** Opening SUPPLIED MATERIAL block **
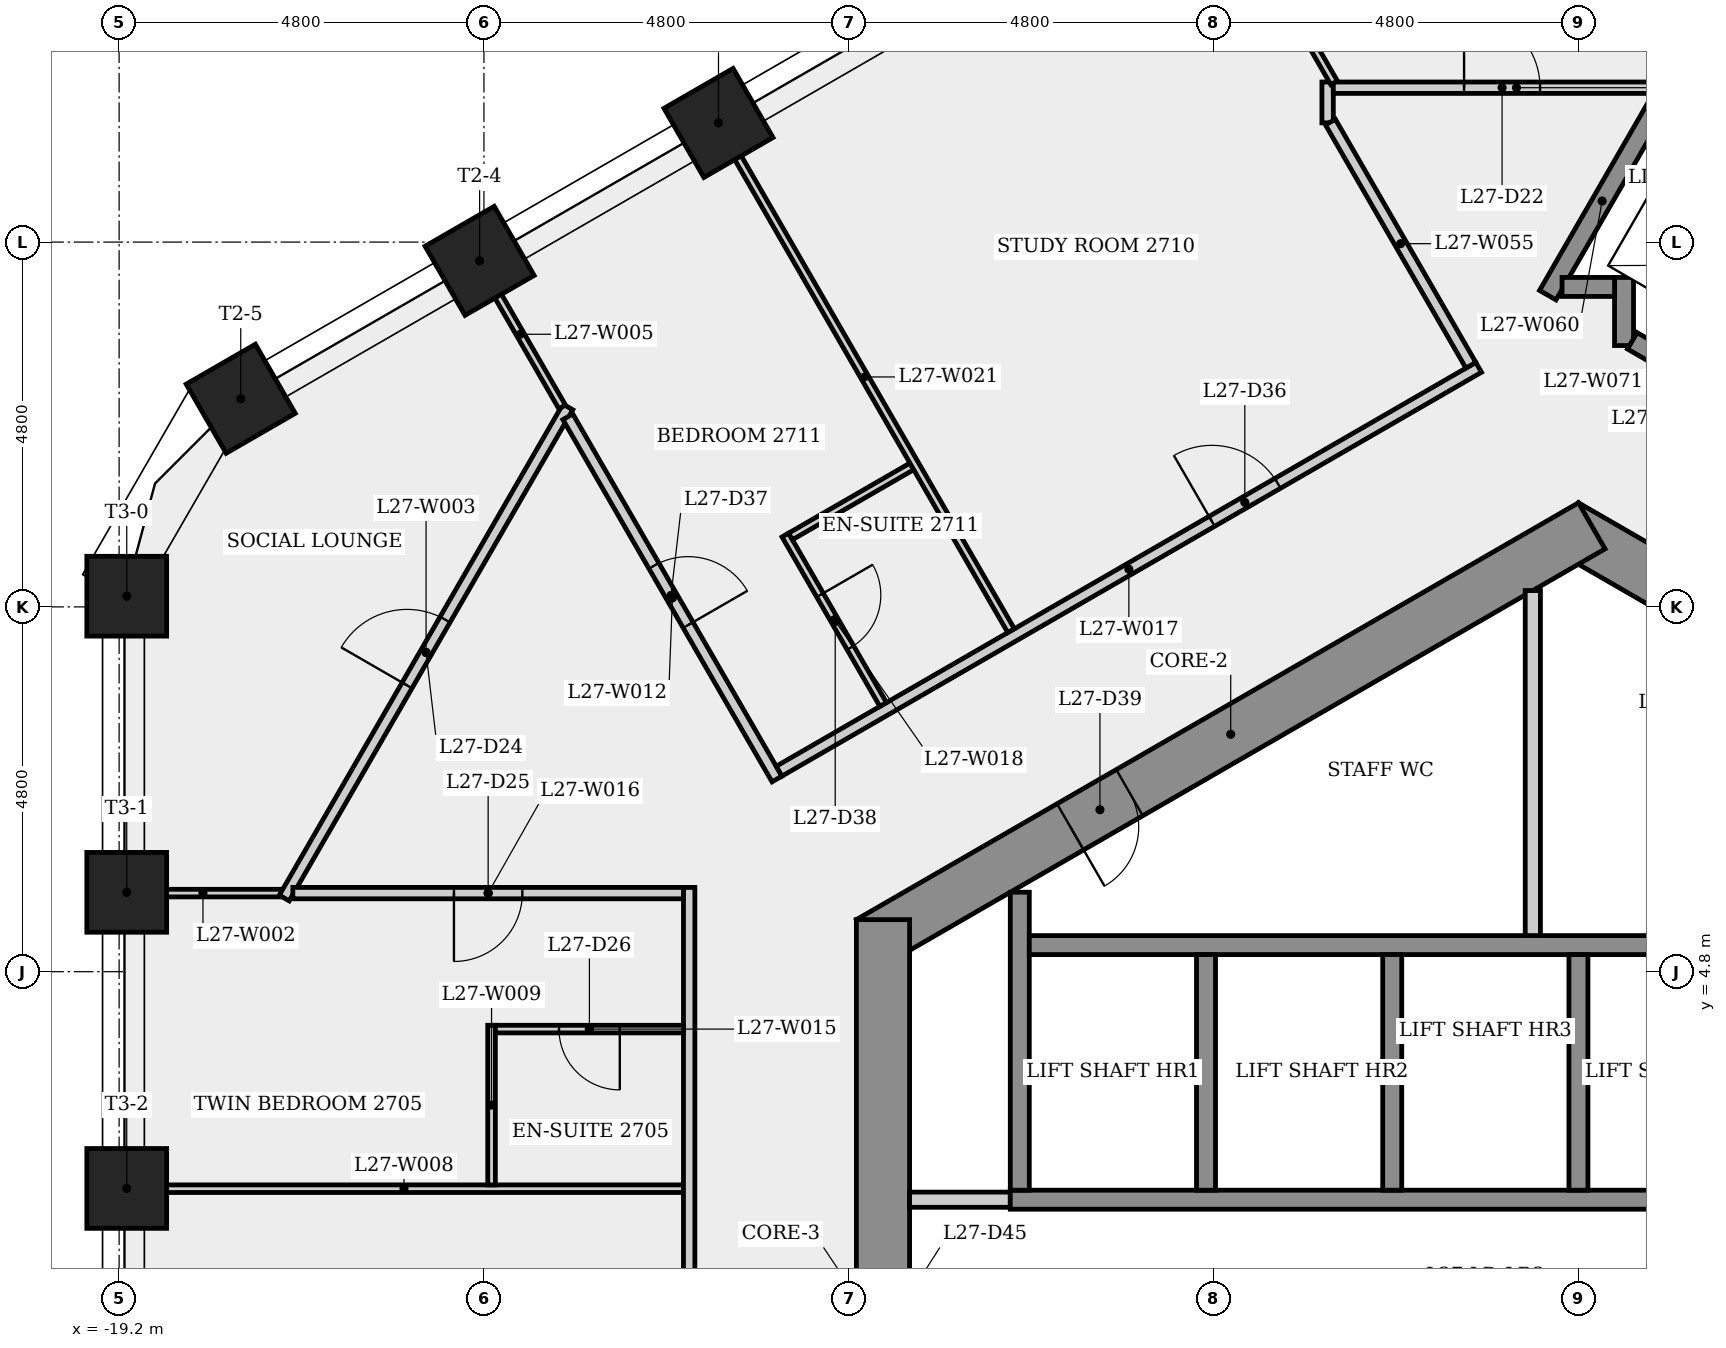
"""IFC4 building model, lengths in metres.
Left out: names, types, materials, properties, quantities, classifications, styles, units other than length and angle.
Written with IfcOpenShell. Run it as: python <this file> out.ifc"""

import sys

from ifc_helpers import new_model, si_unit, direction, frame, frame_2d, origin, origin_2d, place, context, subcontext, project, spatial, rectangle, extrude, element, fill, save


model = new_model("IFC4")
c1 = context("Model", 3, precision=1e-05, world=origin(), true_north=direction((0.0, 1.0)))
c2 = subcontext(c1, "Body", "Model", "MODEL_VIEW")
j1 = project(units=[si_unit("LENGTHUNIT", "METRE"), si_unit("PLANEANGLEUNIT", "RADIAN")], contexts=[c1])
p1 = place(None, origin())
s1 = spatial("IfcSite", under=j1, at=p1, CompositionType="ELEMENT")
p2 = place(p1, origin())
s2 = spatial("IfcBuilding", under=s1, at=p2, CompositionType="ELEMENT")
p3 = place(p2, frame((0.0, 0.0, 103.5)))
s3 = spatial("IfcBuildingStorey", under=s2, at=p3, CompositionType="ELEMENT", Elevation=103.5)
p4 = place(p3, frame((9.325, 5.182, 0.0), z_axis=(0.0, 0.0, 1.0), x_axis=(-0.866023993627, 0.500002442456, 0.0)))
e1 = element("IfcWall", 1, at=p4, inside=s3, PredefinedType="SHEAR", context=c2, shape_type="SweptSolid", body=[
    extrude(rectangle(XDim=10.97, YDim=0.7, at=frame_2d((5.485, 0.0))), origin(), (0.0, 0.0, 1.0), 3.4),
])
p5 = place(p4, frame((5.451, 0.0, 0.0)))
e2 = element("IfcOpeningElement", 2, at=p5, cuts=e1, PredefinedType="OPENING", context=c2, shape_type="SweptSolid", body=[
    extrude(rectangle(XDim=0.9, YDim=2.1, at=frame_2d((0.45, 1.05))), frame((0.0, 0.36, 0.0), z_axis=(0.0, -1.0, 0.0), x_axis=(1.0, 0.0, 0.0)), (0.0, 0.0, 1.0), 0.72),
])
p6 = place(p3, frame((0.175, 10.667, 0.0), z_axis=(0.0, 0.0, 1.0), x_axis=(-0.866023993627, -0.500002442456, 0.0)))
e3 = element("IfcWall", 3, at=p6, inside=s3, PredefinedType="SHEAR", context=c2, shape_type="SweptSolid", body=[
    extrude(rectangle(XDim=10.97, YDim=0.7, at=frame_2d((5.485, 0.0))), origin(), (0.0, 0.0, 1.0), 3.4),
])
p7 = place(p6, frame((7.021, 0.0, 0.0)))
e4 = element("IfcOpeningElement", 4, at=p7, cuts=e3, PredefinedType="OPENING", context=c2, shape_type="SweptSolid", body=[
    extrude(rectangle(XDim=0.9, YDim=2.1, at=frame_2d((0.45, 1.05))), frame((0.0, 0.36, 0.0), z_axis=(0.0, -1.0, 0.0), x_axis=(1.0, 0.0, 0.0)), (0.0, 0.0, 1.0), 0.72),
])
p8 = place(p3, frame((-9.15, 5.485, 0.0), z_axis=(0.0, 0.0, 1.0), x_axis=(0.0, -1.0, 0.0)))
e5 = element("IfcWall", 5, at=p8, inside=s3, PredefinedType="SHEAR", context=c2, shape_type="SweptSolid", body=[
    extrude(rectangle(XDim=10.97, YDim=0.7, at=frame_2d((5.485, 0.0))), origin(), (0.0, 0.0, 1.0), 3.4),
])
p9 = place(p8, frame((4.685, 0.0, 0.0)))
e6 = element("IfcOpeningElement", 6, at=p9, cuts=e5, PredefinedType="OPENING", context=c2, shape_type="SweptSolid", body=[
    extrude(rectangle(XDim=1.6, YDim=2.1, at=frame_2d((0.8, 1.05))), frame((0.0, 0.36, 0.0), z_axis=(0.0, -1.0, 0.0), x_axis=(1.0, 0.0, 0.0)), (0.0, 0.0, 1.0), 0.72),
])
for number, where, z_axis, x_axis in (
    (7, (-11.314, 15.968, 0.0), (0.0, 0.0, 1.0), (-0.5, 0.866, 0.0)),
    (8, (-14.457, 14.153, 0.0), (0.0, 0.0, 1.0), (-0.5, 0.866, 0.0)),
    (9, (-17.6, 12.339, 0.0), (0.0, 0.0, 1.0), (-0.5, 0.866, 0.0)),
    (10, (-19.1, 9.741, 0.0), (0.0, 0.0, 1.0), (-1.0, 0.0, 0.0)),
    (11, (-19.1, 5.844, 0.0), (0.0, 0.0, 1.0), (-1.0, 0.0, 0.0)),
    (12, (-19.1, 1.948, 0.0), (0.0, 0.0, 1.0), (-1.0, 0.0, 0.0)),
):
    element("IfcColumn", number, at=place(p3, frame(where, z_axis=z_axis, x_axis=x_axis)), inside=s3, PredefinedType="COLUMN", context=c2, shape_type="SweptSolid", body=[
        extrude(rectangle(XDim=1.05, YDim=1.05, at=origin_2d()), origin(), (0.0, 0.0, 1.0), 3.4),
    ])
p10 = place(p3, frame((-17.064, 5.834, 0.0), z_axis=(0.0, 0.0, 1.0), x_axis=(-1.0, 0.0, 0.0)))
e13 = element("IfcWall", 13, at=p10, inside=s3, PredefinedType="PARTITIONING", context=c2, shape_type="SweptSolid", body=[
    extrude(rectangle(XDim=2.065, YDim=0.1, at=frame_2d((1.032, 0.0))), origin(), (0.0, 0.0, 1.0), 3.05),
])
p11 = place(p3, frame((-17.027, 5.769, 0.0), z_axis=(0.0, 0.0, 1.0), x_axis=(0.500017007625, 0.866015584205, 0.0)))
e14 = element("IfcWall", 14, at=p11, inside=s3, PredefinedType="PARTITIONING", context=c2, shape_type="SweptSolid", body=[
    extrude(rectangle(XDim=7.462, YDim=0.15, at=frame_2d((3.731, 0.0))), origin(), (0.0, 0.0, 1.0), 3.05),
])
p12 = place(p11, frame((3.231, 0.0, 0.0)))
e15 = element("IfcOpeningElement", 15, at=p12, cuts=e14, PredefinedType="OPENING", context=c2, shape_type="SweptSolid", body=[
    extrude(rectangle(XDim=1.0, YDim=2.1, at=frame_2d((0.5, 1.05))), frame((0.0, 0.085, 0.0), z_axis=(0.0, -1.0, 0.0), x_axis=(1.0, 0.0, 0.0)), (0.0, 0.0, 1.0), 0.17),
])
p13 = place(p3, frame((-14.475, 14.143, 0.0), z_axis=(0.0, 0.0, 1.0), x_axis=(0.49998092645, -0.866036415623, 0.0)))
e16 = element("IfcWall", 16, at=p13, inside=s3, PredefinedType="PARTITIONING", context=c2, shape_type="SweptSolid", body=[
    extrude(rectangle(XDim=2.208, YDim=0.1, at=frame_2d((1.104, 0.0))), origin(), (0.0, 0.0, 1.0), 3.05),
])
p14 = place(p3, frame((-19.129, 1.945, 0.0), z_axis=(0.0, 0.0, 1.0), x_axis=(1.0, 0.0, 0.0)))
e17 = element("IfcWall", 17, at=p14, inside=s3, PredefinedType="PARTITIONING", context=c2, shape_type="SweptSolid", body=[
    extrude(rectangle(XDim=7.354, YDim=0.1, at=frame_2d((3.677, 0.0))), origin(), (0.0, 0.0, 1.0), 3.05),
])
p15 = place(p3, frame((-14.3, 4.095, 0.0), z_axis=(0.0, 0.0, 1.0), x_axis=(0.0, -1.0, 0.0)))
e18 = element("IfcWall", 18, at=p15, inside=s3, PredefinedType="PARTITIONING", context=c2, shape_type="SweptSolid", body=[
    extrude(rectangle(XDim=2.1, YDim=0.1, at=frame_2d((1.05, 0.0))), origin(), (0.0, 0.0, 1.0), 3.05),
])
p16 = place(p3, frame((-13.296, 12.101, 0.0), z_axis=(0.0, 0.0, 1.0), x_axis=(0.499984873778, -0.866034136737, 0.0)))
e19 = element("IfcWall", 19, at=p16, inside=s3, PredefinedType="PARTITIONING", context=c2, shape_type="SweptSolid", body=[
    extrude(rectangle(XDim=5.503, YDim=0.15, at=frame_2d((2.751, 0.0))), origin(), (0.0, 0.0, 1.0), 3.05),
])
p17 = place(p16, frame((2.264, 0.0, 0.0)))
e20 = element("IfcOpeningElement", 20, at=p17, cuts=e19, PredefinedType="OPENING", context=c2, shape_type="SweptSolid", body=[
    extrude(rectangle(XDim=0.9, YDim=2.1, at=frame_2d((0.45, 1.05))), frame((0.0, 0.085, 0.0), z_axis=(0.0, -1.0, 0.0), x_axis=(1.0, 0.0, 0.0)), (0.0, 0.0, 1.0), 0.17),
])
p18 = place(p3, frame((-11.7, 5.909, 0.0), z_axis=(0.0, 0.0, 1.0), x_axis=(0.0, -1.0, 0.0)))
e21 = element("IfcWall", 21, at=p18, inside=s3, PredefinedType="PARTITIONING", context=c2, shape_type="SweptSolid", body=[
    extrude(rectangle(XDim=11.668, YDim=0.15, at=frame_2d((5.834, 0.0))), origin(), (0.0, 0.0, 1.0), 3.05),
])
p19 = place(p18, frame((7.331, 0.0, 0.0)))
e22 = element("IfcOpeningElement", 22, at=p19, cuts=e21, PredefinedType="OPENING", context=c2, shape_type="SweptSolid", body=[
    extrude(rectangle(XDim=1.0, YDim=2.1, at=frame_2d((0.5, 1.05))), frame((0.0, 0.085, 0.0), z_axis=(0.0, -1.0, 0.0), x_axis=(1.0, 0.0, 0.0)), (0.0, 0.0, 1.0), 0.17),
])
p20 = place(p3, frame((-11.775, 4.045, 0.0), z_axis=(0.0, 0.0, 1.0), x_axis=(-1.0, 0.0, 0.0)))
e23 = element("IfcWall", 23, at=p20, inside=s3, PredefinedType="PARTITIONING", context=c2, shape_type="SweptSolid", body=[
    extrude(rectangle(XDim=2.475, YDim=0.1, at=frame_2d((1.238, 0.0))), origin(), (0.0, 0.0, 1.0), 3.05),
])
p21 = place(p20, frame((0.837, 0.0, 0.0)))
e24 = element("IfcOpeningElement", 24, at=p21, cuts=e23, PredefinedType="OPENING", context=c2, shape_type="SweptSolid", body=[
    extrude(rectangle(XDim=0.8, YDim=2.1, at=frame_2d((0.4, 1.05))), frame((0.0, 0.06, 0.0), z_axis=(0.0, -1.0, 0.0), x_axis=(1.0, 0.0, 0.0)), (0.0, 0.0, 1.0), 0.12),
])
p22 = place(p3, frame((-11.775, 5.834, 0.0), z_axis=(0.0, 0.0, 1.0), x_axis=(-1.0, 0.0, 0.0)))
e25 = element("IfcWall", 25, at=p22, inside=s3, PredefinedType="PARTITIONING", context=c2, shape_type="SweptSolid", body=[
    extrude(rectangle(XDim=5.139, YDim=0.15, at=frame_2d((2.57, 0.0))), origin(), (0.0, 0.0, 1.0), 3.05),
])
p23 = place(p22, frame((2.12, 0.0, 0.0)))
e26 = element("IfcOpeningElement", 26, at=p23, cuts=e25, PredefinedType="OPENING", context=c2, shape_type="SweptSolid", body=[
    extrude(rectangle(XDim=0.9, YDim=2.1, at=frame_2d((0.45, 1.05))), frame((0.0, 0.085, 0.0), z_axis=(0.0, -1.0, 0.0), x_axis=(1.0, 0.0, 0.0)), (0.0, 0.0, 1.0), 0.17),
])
** Closing SUPPLIED MATERIAL block **
▶ [EXERCISE]:
From the entries above, give again exactly the lines running from the line with "for number, where, z_axis, x_axis" to the line with "x_axis=(0.49998092645, -0.866036415623, 0.0)))"; include both of those lines.

▶ [SOLUTION TO THIS TASK]:
for number, where, z_axis, x_axis in (
    (7, (-11.314, 15.968, 0.0), (0.0, 0.0, 1.0), (-0.5, 0.866, 0.0)),
    (8, (-14.457, 14.153, 0.0), (0.0, 0.0, 1.0), (-0.5, 0.866, 0.0)),
    (9, (-17.6, 12.339, 0.0), (0.0, 0.0, 1.0), (-0.5, 0.866, 0.0)),
    (10, (-19.1, 9.741, 0.0), (0.0, 0.0, 1.0), (-1.0, 0.0, 0.0)),
    (11, (-19.1, 5.844, 0.0), (0.0, 0.0, 1.0), (-1.0, 0.0, 0.0)),
    (12, (-19.1, 1.948, 0.0), (0.0, 0.0, 1.0), (-1.0, 0.0, 0.0)),
):
    element("IfcColumn", number, at=place(p3, frame(where, z_axis=z_axis, x_axis=x_axis)), inside=s3, PredefinedType="COLUMN", context=c2, shape_type="SweptSolid", body=[
        extrude(rectangle(XDim=1.05, YDim=1.05, at=origin_2d()), origin(), (0.0, 0.0, 1.0), 3.4),
    ])
p10 = place(p3, frame((-17.064, 5.834, 0.0), z_axis=(0.0, 0.0, 1.0), x_axis=(-1.0, 0.0, 0.0)))
e13 = element("IfcWall", 13, at=p10, inside=s3, PredefinedType="PARTITIONING", context=c2, shape_type="SweptSolid", body=[
    extrude(rectangle(XDim=2.065, YDim=0.1, at=frame_2d((1.032, 0.0))), origin(), (0.0, 0.0, 1.0), 3.05),
])
p11 = place(p3, frame((-17.027, 5.769, 0.0), z_axis=(0.0, 0.0, 1.0), x_axis=(0.500017007625, 0.866015584205, 0.0)))
e14 = element("IfcWall", 14, at=p11, inside=s3, PredefinedType="PARTITIONING", context=c2, shape_type="SweptSolid", body=[
    extrude(rectangle(XDim=7.462, YDim=0.15, at=frame_2d((3.731, 0.0))), origin(), (0.0, 0.0, 1.0), 3.05),
])
p12 = place(p11, frame((3.231, 0.0, 0.0)))
e15 = element("IfcOpeningElement", 15, at=p12, cuts=e14, PredefinedType="OPENING", context=c2, shape_type="SweptSolid", body=[
    extrude(rectangle(XDim=1.0, YDim=2.1, at=frame_2d((0.5, 1.05))), frame((0.0, 0.085, 0.0), z_axis=(0.0, -1.0, 0.0), x_axis=(1.0, 0.0, 0.0)), (0.0, 0.0, 1.0), 0.17),
])
p13 = place(p3, frame((-14.475, 14.143, 0.0), z_axis=(0.0, 0.0, 1.0), x_axis=(0.49998092645, -0.866036415623, 0.0)))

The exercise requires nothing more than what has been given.